LISTED RECORDS:
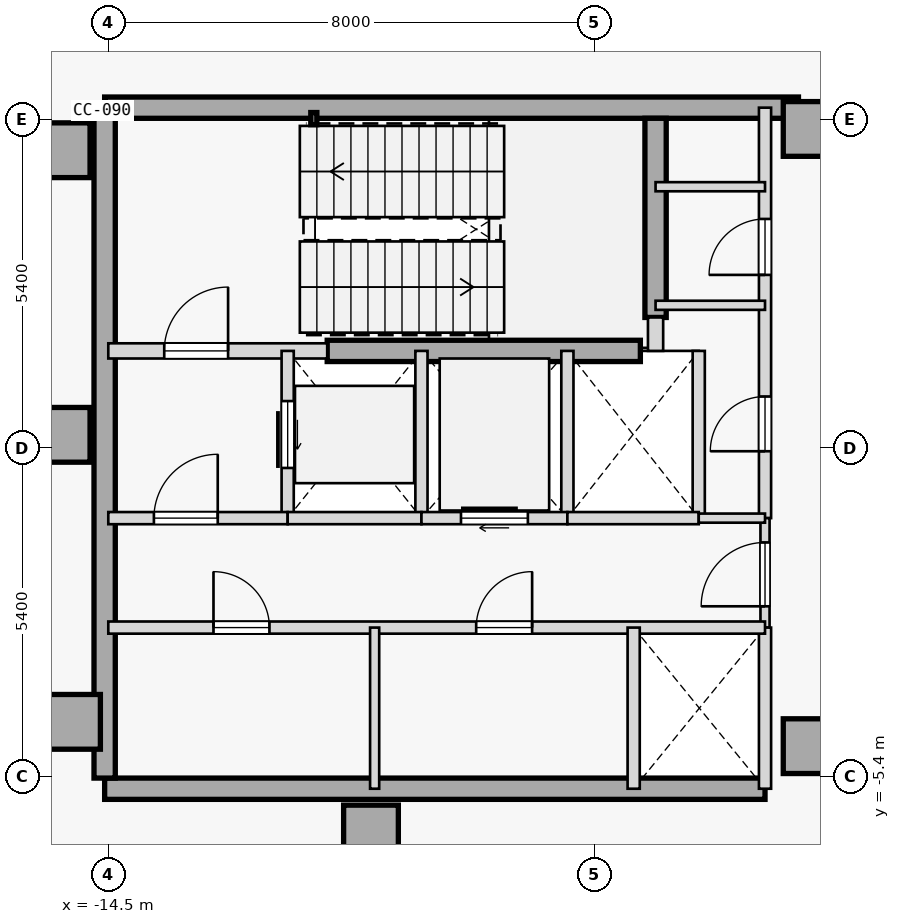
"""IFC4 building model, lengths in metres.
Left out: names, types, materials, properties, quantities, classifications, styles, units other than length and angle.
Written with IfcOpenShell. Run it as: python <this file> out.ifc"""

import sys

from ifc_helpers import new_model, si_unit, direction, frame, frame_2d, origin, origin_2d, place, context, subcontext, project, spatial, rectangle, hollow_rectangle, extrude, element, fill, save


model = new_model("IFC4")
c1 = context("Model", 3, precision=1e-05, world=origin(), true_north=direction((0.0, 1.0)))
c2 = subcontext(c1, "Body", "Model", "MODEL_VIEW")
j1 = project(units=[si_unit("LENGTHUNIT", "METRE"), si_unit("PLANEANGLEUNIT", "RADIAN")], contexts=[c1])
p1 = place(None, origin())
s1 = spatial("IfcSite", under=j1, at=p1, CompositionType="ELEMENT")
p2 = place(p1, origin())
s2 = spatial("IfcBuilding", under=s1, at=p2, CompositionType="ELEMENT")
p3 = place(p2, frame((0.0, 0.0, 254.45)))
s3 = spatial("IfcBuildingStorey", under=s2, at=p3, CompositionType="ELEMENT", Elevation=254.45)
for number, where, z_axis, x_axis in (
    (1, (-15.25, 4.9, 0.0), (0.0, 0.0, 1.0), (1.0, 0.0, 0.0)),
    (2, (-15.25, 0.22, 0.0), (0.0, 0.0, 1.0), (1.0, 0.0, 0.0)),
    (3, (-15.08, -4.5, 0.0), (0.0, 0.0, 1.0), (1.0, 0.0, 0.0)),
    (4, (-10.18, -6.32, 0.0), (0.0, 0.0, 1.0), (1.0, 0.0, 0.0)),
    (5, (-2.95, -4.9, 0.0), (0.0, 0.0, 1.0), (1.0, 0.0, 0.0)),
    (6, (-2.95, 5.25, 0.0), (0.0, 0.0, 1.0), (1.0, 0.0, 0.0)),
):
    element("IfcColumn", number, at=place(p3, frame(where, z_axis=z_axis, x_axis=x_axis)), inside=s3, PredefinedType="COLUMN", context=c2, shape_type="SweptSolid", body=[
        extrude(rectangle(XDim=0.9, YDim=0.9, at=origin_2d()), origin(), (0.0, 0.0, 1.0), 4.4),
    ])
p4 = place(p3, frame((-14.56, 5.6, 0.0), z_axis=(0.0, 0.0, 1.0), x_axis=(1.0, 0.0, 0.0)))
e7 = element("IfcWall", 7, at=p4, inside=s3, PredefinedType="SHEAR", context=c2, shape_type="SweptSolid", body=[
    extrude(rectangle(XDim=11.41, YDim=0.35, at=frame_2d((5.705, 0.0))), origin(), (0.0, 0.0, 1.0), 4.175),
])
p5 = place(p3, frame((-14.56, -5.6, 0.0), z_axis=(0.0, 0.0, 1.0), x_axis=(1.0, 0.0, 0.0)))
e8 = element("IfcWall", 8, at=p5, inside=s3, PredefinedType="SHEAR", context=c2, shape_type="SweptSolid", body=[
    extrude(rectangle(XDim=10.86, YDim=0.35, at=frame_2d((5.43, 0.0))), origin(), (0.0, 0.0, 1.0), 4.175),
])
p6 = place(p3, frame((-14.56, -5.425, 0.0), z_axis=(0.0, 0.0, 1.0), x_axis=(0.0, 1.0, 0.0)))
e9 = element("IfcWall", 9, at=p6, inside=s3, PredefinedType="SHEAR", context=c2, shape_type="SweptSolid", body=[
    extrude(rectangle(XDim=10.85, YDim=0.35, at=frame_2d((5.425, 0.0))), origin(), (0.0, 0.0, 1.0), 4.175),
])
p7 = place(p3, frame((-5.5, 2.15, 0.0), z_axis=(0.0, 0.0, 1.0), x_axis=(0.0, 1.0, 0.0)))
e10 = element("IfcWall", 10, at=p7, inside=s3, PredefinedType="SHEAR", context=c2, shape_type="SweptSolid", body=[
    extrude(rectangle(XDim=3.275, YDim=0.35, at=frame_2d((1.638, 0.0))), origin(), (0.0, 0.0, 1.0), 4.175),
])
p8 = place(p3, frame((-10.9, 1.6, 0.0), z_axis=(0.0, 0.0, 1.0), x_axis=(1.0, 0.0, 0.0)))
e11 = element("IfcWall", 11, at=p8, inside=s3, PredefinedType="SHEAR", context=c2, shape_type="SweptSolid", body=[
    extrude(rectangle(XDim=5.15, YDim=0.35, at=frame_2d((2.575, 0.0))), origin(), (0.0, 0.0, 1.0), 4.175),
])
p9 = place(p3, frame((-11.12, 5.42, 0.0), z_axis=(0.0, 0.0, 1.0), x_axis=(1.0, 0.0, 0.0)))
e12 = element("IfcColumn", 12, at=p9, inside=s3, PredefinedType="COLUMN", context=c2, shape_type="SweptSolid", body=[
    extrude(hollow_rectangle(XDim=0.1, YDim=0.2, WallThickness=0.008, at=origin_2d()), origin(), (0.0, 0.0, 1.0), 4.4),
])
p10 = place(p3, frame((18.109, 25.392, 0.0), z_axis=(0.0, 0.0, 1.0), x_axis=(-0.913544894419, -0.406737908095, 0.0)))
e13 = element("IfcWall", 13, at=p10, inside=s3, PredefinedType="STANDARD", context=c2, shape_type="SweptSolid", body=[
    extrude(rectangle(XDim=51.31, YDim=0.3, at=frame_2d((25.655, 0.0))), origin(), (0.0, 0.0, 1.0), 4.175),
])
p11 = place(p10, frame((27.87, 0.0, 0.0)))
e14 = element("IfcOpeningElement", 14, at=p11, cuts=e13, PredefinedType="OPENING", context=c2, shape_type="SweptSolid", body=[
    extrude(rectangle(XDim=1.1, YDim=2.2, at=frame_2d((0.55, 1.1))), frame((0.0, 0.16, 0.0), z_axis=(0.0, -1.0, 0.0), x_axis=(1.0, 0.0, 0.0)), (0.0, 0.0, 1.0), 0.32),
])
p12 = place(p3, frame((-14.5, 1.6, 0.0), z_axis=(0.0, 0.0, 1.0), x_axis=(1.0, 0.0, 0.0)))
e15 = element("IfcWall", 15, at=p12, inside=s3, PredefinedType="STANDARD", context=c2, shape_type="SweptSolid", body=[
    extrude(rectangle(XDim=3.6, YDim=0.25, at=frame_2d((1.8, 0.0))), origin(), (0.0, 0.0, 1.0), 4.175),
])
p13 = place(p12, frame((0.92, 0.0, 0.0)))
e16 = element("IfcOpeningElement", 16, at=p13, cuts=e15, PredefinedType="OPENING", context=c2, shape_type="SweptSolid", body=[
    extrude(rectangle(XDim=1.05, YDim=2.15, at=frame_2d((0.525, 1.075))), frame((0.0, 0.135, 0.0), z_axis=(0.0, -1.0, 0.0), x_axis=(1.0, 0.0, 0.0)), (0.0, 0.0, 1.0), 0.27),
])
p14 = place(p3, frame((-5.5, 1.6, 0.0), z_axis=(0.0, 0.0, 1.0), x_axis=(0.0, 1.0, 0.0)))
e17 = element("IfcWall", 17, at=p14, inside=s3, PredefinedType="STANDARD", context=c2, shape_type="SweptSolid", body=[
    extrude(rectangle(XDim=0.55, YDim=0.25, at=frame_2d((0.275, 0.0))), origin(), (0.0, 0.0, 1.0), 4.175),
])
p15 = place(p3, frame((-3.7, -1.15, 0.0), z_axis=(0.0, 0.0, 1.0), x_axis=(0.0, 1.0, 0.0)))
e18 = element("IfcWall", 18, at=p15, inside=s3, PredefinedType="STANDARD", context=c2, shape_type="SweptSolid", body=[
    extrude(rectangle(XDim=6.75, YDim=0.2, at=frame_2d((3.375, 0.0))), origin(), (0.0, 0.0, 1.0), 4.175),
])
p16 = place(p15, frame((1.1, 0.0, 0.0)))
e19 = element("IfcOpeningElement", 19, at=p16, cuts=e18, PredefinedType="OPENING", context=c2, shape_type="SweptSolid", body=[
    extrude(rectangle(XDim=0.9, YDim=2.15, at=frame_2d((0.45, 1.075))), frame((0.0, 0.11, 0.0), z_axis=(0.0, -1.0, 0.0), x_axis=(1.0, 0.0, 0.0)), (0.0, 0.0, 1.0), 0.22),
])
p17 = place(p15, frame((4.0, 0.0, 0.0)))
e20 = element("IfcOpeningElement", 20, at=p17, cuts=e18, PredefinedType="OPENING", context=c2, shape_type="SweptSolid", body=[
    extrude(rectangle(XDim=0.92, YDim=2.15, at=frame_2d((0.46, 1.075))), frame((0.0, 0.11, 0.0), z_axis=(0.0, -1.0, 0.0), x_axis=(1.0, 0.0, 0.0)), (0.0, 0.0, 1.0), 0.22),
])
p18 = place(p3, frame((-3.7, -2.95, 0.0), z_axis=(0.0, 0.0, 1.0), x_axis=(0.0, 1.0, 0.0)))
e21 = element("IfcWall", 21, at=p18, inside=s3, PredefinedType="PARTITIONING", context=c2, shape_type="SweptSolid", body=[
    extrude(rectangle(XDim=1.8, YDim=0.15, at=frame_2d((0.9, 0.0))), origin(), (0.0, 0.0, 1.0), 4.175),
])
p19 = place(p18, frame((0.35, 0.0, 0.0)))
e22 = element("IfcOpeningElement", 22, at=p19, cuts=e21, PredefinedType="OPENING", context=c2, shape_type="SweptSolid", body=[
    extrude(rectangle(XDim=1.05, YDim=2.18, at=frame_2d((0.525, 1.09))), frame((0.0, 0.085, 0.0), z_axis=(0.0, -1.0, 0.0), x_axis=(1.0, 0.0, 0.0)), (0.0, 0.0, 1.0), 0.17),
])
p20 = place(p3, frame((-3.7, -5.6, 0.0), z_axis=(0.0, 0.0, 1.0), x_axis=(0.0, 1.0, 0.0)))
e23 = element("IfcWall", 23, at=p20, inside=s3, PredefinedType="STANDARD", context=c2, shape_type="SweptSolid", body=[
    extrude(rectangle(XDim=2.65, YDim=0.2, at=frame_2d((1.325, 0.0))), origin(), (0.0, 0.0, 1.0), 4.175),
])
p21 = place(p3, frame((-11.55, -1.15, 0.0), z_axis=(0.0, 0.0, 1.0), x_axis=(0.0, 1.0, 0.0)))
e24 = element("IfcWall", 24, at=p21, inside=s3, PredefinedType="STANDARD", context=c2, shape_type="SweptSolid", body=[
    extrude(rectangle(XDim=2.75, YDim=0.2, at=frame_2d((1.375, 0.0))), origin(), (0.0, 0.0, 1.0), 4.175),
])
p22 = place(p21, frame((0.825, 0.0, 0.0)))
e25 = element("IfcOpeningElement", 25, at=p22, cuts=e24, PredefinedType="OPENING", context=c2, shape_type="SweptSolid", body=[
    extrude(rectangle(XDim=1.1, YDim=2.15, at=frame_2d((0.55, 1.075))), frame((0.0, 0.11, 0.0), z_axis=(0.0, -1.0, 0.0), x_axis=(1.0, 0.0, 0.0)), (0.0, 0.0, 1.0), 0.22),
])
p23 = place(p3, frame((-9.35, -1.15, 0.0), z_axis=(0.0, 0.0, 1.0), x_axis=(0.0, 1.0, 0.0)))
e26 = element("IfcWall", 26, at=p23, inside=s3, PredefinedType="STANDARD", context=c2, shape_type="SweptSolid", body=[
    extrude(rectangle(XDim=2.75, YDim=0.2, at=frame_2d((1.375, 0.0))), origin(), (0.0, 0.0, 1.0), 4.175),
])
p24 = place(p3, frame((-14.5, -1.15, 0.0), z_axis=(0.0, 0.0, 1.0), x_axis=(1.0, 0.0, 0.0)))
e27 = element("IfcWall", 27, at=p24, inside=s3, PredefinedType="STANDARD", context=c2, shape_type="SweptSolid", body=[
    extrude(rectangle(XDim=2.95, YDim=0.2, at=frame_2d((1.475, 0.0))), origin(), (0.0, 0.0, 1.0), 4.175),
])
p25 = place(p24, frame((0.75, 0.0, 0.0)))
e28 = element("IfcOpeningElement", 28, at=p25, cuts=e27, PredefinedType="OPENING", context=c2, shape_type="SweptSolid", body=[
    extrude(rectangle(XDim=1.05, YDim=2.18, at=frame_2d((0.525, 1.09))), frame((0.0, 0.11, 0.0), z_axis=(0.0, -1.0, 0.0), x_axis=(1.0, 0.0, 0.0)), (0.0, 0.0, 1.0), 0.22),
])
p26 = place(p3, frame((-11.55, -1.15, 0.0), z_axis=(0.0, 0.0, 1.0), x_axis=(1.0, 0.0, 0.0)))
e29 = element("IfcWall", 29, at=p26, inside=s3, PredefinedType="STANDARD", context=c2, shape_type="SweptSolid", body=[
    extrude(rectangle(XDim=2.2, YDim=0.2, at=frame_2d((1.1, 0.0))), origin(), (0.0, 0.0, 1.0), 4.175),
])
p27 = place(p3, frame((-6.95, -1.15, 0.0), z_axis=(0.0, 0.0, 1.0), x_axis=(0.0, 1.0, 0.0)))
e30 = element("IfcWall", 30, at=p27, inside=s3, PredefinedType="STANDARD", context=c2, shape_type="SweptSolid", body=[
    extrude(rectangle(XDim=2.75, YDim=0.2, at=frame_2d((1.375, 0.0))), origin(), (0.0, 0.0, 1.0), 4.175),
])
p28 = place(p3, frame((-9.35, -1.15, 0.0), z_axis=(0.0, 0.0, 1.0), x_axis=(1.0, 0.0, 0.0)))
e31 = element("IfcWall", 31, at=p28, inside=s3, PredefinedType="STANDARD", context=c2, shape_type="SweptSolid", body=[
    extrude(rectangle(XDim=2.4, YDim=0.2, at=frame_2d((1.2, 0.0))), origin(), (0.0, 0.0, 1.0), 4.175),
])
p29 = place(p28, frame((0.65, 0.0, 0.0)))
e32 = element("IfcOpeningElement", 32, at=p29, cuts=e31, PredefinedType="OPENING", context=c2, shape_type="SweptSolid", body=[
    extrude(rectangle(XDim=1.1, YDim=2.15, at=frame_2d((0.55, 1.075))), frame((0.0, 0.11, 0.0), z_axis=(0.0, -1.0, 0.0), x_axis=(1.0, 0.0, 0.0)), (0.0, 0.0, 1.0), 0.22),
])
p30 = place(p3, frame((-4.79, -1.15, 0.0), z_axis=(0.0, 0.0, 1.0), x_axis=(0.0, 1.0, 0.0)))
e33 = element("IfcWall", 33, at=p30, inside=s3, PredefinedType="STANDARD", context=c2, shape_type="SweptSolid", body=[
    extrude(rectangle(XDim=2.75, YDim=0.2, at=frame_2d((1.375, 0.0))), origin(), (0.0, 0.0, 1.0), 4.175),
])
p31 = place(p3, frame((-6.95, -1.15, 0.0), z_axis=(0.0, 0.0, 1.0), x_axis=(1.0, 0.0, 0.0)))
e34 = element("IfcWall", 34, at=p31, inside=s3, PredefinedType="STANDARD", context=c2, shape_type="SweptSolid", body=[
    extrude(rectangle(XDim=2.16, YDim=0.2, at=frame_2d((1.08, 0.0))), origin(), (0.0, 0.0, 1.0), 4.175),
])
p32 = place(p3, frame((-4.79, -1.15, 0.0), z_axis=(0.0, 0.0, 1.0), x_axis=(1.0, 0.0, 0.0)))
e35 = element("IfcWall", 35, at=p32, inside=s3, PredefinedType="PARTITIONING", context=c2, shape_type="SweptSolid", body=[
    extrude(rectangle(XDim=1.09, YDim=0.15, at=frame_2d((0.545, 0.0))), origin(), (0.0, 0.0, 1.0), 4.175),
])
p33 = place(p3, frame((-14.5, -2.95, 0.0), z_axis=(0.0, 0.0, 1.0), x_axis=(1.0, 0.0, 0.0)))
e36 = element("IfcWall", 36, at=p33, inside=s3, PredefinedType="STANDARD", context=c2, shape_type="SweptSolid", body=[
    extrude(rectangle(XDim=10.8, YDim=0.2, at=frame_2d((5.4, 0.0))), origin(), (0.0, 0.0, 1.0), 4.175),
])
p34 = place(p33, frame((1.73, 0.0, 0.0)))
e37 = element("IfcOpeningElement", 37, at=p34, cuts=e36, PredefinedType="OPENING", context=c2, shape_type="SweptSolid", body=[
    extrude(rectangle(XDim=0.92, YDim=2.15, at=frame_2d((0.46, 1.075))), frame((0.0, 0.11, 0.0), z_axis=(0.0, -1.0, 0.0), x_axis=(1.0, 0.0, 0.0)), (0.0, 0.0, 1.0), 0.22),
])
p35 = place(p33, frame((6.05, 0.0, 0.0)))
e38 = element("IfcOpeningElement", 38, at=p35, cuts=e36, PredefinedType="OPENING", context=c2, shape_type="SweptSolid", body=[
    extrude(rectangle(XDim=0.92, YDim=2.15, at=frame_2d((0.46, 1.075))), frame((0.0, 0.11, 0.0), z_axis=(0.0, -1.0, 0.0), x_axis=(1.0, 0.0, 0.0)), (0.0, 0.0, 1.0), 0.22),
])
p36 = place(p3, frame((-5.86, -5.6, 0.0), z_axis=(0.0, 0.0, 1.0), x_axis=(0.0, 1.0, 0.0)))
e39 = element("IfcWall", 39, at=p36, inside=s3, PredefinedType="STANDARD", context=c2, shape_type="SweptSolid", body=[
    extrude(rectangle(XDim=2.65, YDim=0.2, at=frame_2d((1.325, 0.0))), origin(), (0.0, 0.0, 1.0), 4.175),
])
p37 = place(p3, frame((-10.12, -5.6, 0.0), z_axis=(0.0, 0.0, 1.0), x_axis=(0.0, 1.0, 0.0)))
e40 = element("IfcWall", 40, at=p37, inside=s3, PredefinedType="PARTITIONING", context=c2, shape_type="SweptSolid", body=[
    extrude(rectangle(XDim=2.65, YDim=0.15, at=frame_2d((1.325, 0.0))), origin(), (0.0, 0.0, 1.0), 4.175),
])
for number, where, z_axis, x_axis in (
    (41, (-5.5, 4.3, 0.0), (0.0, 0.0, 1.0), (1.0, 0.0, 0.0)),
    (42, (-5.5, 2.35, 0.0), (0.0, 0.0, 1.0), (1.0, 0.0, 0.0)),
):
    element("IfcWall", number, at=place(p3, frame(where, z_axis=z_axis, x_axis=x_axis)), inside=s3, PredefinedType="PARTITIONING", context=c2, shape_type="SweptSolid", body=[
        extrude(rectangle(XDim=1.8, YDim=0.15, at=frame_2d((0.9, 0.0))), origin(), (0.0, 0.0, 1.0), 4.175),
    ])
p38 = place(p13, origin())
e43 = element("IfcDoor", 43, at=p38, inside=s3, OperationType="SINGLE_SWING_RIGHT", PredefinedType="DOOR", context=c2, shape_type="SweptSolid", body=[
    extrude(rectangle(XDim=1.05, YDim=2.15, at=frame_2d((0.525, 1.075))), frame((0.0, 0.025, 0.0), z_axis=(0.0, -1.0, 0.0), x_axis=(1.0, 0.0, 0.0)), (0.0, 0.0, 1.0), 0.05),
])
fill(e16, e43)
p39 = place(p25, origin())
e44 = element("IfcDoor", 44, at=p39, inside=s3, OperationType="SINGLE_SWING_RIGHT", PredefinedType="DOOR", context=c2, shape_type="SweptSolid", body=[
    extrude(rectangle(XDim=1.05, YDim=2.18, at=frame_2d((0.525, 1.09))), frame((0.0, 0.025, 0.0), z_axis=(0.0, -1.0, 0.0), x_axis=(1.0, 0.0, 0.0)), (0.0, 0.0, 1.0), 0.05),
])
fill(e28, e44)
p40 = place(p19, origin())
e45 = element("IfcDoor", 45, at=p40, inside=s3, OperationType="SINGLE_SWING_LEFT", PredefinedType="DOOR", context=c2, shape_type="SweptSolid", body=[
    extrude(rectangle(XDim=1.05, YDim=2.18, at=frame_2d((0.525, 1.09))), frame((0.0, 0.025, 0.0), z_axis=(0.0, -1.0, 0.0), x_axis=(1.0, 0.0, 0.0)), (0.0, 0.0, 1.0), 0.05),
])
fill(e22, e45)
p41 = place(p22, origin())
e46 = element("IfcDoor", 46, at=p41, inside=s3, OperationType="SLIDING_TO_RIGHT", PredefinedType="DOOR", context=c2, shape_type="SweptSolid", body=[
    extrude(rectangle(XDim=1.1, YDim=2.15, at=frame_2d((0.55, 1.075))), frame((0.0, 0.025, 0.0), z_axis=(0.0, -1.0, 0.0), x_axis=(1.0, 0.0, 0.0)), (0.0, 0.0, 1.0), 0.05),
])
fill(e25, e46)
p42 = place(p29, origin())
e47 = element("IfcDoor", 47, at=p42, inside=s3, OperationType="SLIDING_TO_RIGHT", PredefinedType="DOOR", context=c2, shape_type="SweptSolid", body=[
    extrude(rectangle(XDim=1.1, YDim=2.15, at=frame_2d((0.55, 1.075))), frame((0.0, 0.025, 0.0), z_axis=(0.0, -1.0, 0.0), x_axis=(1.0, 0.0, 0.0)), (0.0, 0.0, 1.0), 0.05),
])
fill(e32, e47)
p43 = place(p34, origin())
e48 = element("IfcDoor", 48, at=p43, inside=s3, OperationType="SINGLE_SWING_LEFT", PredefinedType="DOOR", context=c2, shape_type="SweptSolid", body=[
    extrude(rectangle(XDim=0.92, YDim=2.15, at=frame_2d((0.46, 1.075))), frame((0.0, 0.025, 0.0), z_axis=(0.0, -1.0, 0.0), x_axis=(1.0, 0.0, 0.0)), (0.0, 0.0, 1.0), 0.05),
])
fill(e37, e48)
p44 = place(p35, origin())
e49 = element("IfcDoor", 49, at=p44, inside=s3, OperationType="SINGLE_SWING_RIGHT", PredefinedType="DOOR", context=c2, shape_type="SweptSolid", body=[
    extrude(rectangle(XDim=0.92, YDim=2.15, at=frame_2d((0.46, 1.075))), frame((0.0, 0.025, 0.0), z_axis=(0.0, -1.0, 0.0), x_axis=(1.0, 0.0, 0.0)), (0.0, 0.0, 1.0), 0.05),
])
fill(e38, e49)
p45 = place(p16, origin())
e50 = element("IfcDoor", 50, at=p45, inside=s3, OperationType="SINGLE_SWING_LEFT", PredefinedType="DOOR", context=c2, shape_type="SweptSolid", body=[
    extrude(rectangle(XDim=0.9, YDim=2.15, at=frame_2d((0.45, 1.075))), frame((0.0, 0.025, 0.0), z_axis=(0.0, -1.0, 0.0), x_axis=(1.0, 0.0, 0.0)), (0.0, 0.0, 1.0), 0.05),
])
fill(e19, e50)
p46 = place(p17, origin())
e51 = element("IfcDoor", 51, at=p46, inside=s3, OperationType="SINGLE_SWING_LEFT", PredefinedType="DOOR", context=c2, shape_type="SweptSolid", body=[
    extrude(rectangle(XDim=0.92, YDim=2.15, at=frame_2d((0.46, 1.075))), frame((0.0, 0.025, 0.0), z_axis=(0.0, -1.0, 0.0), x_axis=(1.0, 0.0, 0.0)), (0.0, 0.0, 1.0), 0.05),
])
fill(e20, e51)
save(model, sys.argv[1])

ABOUT THIS EXERCISE: Using the material, show each line where the string "project" can be found.

EXERCISE SOLUTION:
from ifc_helpers import new_model, si_unit, direction, frame, frame_2d, origin, origin_2d, place, context, subcontext, project, spatial, rectangle, hollow_rectangle, extrude, element, fill, save
j1 = project(units=[si_unit("LENGTHUNIT", "METRE"), si_unit("PLANEANGLEUNIT", "RADIAN")], contexts=[c1])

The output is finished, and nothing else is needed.